**Task objective:**
Report, as a number alone, how many lines below contain the string "direction".

**Data records:**
______________________________

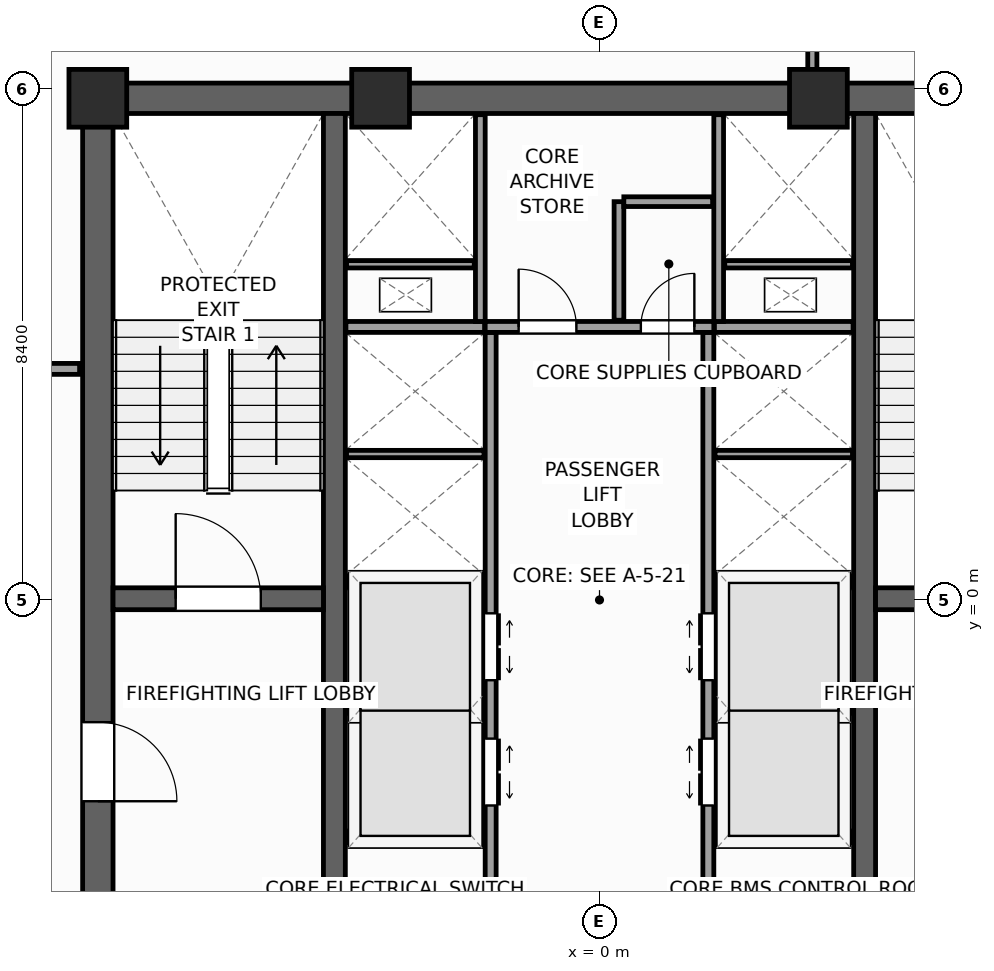
"""IFC4 building model, lengths in metres.
Left out: names, types, materials, properties, quantities, classifications, styles, units other than length and angle.
Written with IfcOpenShell. Run it as: python <this file> out.ifc"""

import sys

from ifc_helpers import new_model, si_unit, direction, frame, frame_2d, origin, origin_2d, place, context, subcontext, project, spatial, rectangle, extrude, source, transform, mapped, element, fill, save


model = new_model("IFC4")
c1 = context("Model", 3, precision=1e-05, world=origin(), true_north=direction((0.0, 1.0)))
c2 = subcontext(c1, "Body", "Model", "MODEL_VIEW")
j1 = project(units=[si_unit("LENGTHUNIT", "METRE"), si_unit("PLANEANGLEUNIT", "RADIAN")], contexts=[c1])
p1 = place(None, origin())
s1 = spatial("IfcSite", under=j1, at=p1, CompositionType="ELEMENT")
p2 = place(p1, origin())
s2 = spatial("IfcBuilding", under=s1, at=p2, CompositionType="ELEMENT")
p3 = place(p2, frame((0.0, 0.0, 225.1)))
s3 = spatial("IfcBuildingStorey", under=s2, at=p3, CompositionType="ELEMENT", Elevation=225.1)
p4 = place(p3, frame((-8.5, 8.25, 0.0), z_axis=(0.0, 0.0, 1.0), x_axis=(1.0, 0.0, 0.0)))
e1 = element("IfcWall", 1, at=p4, inside=s3, PredefinedType="SHEAR", context=c2, shape_type="SweptSolid", body=[
    extrude(rectangle(XDim=17.0, YDim=0.5, at=frame_2d((8.5, 0.0))), origin(), (0.0, 0.0, 1.0), 3.9),
])
p5 = place(p3, frame((-8.25, -8.0, 0.0), z_axis=(0.0, 0.0, 1.0), x_axis=(0.0, 1.0, 0.0)))
e2 = element("IfcWall", 2, at=p5, inside=s3, PredefinedType="SHEAR", context=c2, shape_type="SweptSolid", body=[
    extrude(rectangle(XDim=16.0, YDim=0.5, at=frame_2d((8.0, 0.0))), origin(), (0.0, 0.0, 1.0), 3.9),
])
p6 = place(p5, frame((4.69, 0.0, 0.0)))
e3 = element("IfcOpeningElement", 3, at=p6, cuts=e2, PredefinedType="OPENING", context=c2, shape_type="SweptSolid", body=[
    extrude(rectangle(XDim=1.3, YDim=2.2, at=frame_2d((0.65, 1.1))), frame((0.0, 0.26, 0.0), z_axis=(0.0, -1.0, 0.0), x_axis=(1.0, 0.0, 0.0)), (0.0, 0.0, 1.0), 0.52),
])
for number, where, z_axis, x_axis in (
    (4, (-4.36, -8.0, 0.0), (0.0, 0.0, 1.0), (0.0, 1.0, 0.0)),
    (5, (4.36, -8.0, 0.0), (0.0, 0.0, 1.0), (0.0, 1.0, 0.0)),
):
    element("IfcWall", number, at=place(p3, frame(where, z_axis=z_axis, x_axis=x_axis)), inside=s3, PredefinedType="SHEAR", context=c2, shape_type="SweptSolid", body=[
        extrude(rectangle(XDim=16.0, YDim=0.36, at=frame_2d((8.0, 0.0))), origin(), (0.0, 0.0, 1.0), 3.9),
    ])
p7 = place(p3, frame((-8.0, 0.02, 0.0), z_axis=(0.0, 0.0, 1.0), x_axis=(1.0, 0.0, 0.0)))
e6 = element("IfcWall", 6, at=p7, inside=s3, PredefinedType="SHEAR", context=c2, shape_type="SweptSolid", body=[
    extrude(rectangle(XDim=3.46, YDim=0.36, at=frame_2d((1.73, 0.0))), origin(), (0.0, 0.0, 1.0), 3.9),
])
p8 = place(p7, frame((1.03, 0.0, 0.0)))
e7 = element("IfcOpeningElement", 7, at=p8, cuts=e6, PredefinedType="OPENING", context=c2, shape_type="SweptSolid", body=[
    extrude(rectangle(XDim=1.4, YDim=2.2, at=frame_2d((0.7, 1.1))), frame((0.0, 0.19, 0.0), z_axis=(0.0, -1.0, 0.0), x_axis=(1.0, 0.0, 0.0)), (0.0, 0.0, 1.0), 0.38),
])
p9 = place(p3, frame((4.54, 0.02, 0.0), z_axis=(0.0, 0.0, 1.0), x_axis=(1.0, 0.0, 0.0)))
e8 = element("IfcWall", 8, at=p9, inside=s3, PredefinedType="SHEAR", context=c2, shape_type="SweptSolid", body=[
    extrude(rectangle(XDim=3.46, YDim=0.36, at=frame_2d((1.73, 0.0))), origin(), (0.0, 0.0, 1.0), 3.9),
])
p10 = place(p9, frame((1.03, 0.0, 0.0)))
e9 = element("IfcOpeningElement", 9, at=p10, cuts=e8, PredefinedType="OPENING", context=c2, shape_type="SweptSolid", body=[
    extrude(rectangle(XDim=1.4, YDim=2.2, at=frame_2d((0.7, 1.1))), frame((0.0, 0.19, 0.0), z_axis=(0.0, -1.0, 0.0), x_axis=(1.0, 0.0, 0.0)), (0.0, 0.0, 1.0), 0.38),
])
m1 = source(origin(), c2, "Body", "SweptSolid", [
    extrude(rectangle(XDim=0.95, YDim=0.95, at=origin_2d()), origin(), (0.0, 0.0, 1.0), 3.9),
])
for number, where, z_axis, x_axis in (
    (10, (-8.25, 8.25, 0.0), (0.0, 0.0, 1.0), (1.0, 0.0, 0.0)),
    (11, (-3.6, 8.25, 0.0), (0.0, 0.0, 1.0), (1.0, 0.0, 0.0)),
    (12, (3.6, 8.25, 0.0), (0.0, 0.0, 1.0), (1.0, 0.0, 0.0)),
):
    element("IfcColumn", number, at=place(p3, frame(where, z_axis=z_axis, x_axis=x_axis)), inside=s3, PredefinedType="PILASTER", context=c2, shape_type="MappedRepresentation", body=[
        mapped(m1, transform((0.0, 0.0, 0.0), scale=1.0)),
    ])
p11 = place(p3, frame((29.154, 6.733, 0.0), z_axis=(0.0, 0.0, 1.0), x_axis=(-0.77714192302, 0.629325378072, 0.0)))
e13 = element("IfcWall", 13, at=p11, inside=s3, PredefinedType="STANDARD", context=c2, shape_type="SweptSolid", body=[
    extrude(rectangle(XDim=36.84, YDim=0.34, at=frame_2d((18.42, 0.0))), origin(), (0.0, 0.0, 1.0), 2.96),
])
p12 = place(p11, frame((3.721, 0.0, 0.48)))
e14 = element("IfcOpeningElement", 14, at=p12, cuts=e13, PredefinedType="OPENING", context=c2, shape_type="SweptSolid", body=[
    extrude(rectangle(XDim=1.4, YDim=2.4, at=frame_2d((0.7, 1.2))), frame((0.0, 0.18, 0.0), z_axis=(0.0, -1.0, 0.0), x_axis=(1.0, 0.0, 0.0)), (0.0, 0.0, 1.0), 0.36),
])
p13 = place(p11, frame((9.809, 0.0, 0.58)))
e15 = element("IfcOpeningElement", 15, at=p13, cuts=e13, PredefinedType="OPENING", context=c2, shape_type="SweptSolid", body=[
    extrude(rectangle(XDim=1.75, YDim=2.3, at=frame_2d((0.875, 1.15))), frame((0.0, 0.18, 0.0), z_axis=(0.0, -1.0, 0.0), x_axis=(1.0, 0.0, 0.0)), (0.0, 0.0, 1.0), 0.36),
])
p14 = place(p11, frame((16.058, 0.0, 0.58)))
e16 = element("IfcOpeningElement", 16, at=p14, cuts=e13, PredefinedType="OPENING", context=c2, shape_type="SweptSolid", body=[
    extrude(rectangle(XDim=1.75, YDim=2.3, at=frame_2d((0.875, 1.15))), frame((0.0, 0.18, 0.0), z_axis=(0.0, -1.0, 0.0), x_axis=(1.0, 0.0, 0.0)), (0.0, 0.0, 1.0), 0.36),
])
p15 = place(p11, frame((24.176, 0.0, 0.58)))
e17 = element("IfcOpeningElement", 17, at=p15, cuts=e13, PredefinedType="OPENING", context=c2, shape_type="SweptSolid", body=[
    extrude(rectangle(XDim=1.75, YDim=2.3, at=frame_2d((0.875, 1.15))), frame((0.0, 0.18, 0.0), z_axis=(0.0, -1.0, 0.0), x_axis=(1.0, 0.0, 0.0)), (0.0, 0.0, 1.0), 0.36),
])
p16 = place(p11, frame((30.982, 0.0, 0.48)))
e18 = element("IfcOpeningElement", 18, at=p16, cuts=e13, PredefinedType="OPENING", context=c2, shape_type="SweptSolid", body=[
    extrude(rectangle(XDim=1.4, YDim=2.4, at=frame_2d((0.7, 1.2))), frame((0.0, 0.18, 0.0), z_axis=(0.0, -1.0, 0.0), x_axis=(1.0, 0.0, 0.0)), (0.0, 0.0, 1.0), 0.36),
])
p17 = place(p3, frame((-6.733, 29.154, 0.0), z_axis=(0.0, 0.0, 1.0), x_axis=(-0.629325378072, -0.77714192302, 0.0)))
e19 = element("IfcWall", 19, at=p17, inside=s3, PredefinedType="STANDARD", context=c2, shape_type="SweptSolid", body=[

______________________________

**Task answer:**
2